## [Stored data]
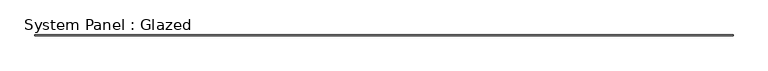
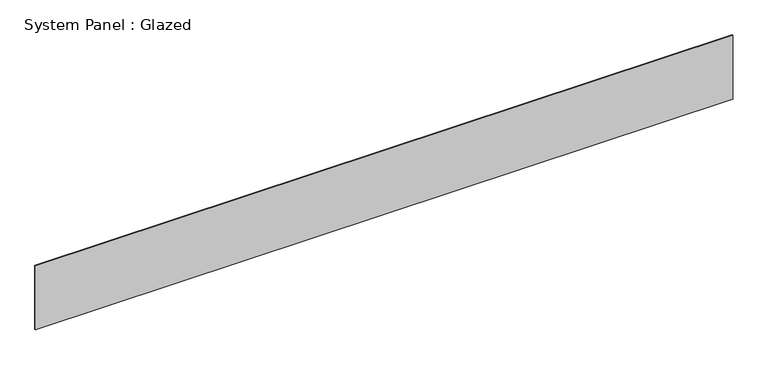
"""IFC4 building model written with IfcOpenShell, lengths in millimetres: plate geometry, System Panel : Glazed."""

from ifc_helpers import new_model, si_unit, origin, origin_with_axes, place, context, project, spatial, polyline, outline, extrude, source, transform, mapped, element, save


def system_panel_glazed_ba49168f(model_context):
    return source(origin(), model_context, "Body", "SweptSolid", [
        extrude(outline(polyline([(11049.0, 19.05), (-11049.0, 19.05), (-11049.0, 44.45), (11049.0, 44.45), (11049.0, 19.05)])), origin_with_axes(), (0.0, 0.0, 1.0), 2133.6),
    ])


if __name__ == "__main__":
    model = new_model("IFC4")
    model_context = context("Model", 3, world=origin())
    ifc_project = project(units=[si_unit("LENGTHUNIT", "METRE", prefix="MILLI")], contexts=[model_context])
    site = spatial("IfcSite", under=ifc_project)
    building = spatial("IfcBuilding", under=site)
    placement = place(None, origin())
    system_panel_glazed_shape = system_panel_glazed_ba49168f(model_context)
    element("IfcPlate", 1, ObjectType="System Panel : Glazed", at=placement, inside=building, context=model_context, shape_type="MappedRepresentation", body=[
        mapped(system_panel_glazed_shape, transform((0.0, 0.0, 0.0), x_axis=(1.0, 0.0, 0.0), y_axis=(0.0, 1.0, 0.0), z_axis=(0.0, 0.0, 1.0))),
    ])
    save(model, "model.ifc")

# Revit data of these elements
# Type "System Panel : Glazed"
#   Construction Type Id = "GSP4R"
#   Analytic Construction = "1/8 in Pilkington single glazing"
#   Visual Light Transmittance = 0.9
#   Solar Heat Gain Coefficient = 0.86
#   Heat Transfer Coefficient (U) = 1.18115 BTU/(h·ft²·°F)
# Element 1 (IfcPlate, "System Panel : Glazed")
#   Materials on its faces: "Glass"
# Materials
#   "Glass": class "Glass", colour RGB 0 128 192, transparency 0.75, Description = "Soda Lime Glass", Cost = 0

## [Action item]
Return every line from the one holding "Coefficient = 0.86" through the end of the data, exactly as it appears, with both ends kept and nothing else.

## [Response]
#   Solar Heat Gain Coefficient = 0.86
#   Heat Transfer Coefficient (U) = 1.18115 BTU/(h·ft²·°F)
# Element 1 (IfcPlate, "System Panel : Glazed")
#   Materials on its faces: "Glass"
# Materials
#   "Glass": class "Glass", colour RGB 0 128 192, transparency 0.75, Description = "Soda Lime Glass", Cost = 0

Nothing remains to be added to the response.